_What you should do_. All lines from the one with "p11 = place(p10, frame((0.45, 0.0, 0.0)))" through the last line of the data below should be copied exactly; please add nothing.

_Provided material_.
----

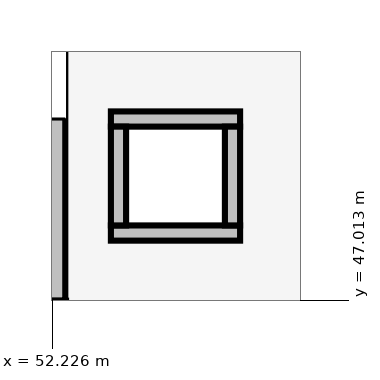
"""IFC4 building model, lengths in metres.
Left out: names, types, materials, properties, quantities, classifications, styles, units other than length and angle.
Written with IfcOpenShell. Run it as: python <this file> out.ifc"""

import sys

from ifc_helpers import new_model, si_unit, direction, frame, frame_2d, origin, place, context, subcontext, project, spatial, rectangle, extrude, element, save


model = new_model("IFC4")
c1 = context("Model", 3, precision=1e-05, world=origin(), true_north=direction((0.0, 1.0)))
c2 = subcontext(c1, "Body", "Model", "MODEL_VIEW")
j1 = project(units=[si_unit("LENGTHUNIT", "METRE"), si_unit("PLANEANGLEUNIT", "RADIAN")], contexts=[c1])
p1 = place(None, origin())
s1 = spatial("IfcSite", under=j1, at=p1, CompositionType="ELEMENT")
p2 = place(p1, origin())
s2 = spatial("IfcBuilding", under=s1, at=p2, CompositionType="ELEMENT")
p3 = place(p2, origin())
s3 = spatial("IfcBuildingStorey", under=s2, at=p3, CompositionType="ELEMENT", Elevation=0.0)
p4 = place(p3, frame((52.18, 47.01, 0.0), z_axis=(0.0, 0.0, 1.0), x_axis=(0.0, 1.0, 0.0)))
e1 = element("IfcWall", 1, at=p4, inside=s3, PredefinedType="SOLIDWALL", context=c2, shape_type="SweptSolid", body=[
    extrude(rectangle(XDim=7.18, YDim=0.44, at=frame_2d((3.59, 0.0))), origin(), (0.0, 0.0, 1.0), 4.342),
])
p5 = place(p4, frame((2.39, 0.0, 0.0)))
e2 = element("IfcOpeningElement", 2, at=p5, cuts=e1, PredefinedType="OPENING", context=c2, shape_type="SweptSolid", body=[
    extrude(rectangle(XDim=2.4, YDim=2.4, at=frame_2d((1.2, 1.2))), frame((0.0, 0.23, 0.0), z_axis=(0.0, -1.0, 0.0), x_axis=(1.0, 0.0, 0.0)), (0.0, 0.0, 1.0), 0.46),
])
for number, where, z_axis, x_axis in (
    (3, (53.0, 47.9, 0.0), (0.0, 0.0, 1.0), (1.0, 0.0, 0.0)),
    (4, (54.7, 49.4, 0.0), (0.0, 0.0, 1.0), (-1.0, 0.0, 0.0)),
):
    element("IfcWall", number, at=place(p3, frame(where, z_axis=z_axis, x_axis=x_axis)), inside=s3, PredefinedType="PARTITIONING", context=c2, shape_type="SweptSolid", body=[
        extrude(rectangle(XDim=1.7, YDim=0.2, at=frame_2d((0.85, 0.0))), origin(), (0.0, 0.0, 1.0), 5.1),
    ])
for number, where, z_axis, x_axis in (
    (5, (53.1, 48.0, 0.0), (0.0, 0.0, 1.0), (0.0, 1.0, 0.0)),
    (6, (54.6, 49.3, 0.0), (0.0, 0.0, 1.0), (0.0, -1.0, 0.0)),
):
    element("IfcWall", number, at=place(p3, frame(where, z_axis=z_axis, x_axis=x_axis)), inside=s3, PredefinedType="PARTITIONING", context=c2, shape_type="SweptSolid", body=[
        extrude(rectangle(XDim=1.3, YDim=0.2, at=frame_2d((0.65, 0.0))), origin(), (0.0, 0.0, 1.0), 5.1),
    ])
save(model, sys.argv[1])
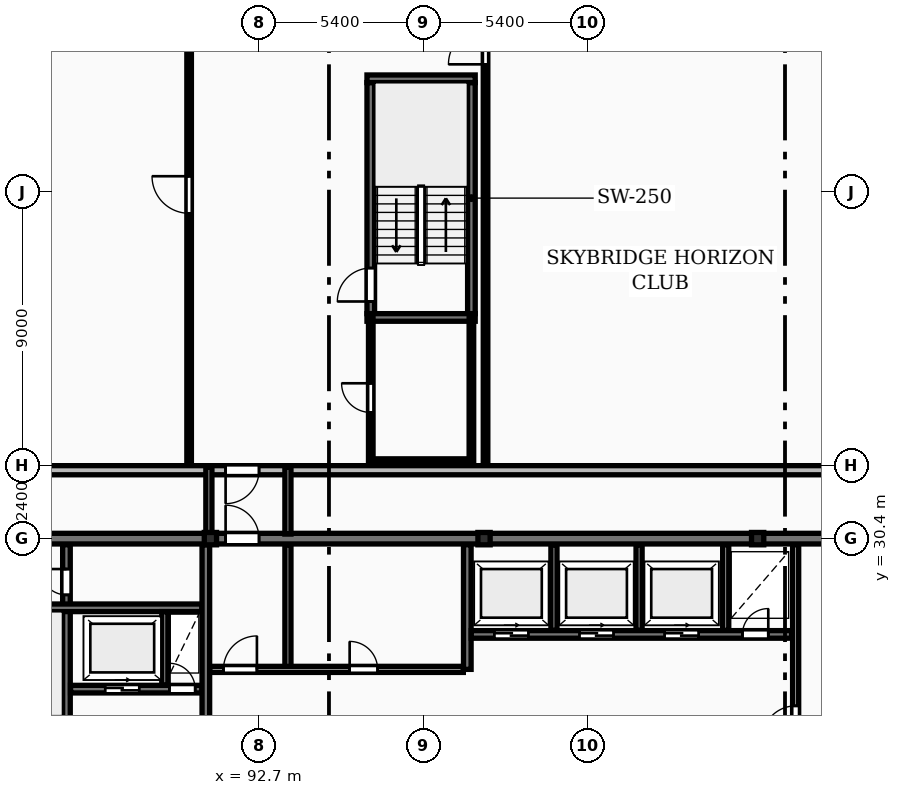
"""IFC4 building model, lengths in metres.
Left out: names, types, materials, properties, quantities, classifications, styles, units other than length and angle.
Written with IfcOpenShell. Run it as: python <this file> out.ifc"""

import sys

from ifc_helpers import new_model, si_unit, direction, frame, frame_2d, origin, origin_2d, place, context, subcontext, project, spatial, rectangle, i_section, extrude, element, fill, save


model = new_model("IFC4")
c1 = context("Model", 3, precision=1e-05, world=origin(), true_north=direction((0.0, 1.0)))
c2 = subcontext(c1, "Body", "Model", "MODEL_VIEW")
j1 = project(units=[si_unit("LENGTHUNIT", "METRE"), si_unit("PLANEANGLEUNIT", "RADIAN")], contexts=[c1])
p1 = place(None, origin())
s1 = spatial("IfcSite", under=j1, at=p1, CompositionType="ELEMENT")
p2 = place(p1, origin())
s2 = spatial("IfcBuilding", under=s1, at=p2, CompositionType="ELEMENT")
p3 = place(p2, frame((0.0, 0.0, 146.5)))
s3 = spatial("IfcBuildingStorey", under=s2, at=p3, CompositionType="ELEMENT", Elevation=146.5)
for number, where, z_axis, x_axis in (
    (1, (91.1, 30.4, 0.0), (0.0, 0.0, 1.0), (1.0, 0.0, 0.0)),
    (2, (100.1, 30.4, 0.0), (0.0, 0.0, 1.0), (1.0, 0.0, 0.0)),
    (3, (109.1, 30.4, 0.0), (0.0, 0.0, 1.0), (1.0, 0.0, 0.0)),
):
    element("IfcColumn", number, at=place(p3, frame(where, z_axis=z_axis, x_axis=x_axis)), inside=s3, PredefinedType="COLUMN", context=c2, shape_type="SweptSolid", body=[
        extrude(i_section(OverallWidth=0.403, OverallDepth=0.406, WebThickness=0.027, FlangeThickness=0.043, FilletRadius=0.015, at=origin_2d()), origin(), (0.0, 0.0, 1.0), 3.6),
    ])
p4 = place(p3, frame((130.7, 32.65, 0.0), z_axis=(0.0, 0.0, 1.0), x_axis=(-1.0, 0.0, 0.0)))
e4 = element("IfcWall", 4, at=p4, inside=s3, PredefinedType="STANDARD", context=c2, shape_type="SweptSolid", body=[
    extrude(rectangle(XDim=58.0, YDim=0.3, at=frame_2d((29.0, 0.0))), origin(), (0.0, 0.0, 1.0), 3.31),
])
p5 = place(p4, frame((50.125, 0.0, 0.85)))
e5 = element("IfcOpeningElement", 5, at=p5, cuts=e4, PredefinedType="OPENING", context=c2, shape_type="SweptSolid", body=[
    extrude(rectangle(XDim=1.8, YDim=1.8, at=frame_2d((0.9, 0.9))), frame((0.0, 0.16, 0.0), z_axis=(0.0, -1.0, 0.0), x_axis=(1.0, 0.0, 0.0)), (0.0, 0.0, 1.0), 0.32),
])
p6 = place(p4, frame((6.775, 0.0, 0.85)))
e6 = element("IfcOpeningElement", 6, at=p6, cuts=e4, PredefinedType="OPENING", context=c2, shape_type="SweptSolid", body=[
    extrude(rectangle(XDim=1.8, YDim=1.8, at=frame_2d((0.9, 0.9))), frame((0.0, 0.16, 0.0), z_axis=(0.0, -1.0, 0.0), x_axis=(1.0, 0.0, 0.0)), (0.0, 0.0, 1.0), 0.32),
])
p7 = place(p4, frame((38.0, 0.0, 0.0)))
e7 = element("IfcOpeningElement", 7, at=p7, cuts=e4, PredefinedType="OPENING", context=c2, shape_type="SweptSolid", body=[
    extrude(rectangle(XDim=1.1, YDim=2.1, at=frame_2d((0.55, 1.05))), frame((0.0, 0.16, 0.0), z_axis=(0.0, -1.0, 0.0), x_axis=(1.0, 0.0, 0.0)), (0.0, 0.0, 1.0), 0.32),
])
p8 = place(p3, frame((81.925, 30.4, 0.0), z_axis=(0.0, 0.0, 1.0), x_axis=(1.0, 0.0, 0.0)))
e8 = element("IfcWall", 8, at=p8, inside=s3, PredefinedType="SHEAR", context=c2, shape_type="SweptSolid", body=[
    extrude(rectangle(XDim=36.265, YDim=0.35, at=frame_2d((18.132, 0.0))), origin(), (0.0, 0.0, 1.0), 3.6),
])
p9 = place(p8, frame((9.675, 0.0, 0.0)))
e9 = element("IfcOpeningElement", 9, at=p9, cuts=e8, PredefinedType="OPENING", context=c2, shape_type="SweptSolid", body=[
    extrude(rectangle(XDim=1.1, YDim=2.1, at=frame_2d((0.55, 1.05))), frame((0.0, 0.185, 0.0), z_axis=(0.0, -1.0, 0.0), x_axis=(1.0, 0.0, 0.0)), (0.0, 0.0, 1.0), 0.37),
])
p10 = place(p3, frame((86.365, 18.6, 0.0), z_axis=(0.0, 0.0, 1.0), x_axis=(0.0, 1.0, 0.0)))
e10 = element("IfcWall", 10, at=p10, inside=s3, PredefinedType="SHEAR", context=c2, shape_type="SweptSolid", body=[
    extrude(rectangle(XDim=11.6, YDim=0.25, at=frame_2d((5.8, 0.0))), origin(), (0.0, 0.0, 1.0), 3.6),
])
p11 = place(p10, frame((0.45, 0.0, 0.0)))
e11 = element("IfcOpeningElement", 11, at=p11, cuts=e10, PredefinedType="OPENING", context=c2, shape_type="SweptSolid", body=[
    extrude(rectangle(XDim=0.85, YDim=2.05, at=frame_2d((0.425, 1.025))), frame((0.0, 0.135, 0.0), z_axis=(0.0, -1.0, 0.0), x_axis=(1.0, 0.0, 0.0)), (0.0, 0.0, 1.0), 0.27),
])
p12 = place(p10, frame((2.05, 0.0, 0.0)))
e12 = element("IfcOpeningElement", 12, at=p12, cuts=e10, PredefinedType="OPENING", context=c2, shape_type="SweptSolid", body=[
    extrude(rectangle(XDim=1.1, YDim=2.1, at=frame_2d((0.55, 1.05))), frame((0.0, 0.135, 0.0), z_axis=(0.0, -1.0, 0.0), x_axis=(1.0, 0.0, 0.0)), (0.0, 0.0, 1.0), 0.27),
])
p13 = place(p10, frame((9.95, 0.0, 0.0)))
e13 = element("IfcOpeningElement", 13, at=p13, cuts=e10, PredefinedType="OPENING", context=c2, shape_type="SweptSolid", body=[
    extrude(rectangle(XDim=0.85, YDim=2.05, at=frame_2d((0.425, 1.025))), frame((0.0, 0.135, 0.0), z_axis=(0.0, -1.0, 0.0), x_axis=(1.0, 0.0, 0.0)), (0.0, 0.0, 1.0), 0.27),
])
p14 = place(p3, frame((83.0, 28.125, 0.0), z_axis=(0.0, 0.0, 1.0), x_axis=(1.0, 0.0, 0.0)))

----

_Solution_.
p11 = place(p10, frame((0.45, 0.0, 0.0)))
e11 = element("IfcOpeningElement", 11, at=p11, cuts=e10, PredefinedType="OPENING", context=c2, shape_type="SweptSolid", body=[
    extrude(rectangle(XDim=0.85, YDim=2.05, at=frame_2d((0.425, 1.025))), frame((0.0, 0.135, 0.0), z_axis=(0.0, -1.0, 0.0), x_axis=(1.0, 0.0, 0.0)), (0.0, 0.0, 1.0), 0.27),
])
p12 = place(p10, frame((2.05, 0.0, 0.0)))
e12 = element("IfcOpeningElement", 12, at=p12, cuts=e10, PredefinedType="OPENING", context=c2, shape_type="SweptSolid", body=[
    extrude(rectangle(XDim=1.1, YDim=2.1, at=frame_2d((0.55, 1.05))), frame((0.0, 0.135, 0.0), z_axis=(0.0, -1.0, 0.0), x_axis=(1.0, 0.0, 0.0)), (0.0, 0.0, 1.0), 0.27),
])
p13 = place(p10, frame((9.95, 0.0, 0.0)))
e13 = element("IfcOpeningElement", 13, at=p13, cuts=e10, PredefinedType="OPENING", context=c2, shape_type="SweptSolid", body=[
    extrude(rectangle(XDim=0.85, YDim=2.05, at=frame_2d((0.425, 1.025))), frame((0.0, 0.135, 0.0), z_axis=(0.0, -1.0, 0.0), x_axis=(1.0, 0.0, 0.0)), (0.0, 0.0, 1.0), 0.27),
])
p14 = place(p3, frame((83.0, 28.125, 0.0), z_axis=(0.0, 0.0, 1.0), x_axis=(1.0, 0.0, 0.0)))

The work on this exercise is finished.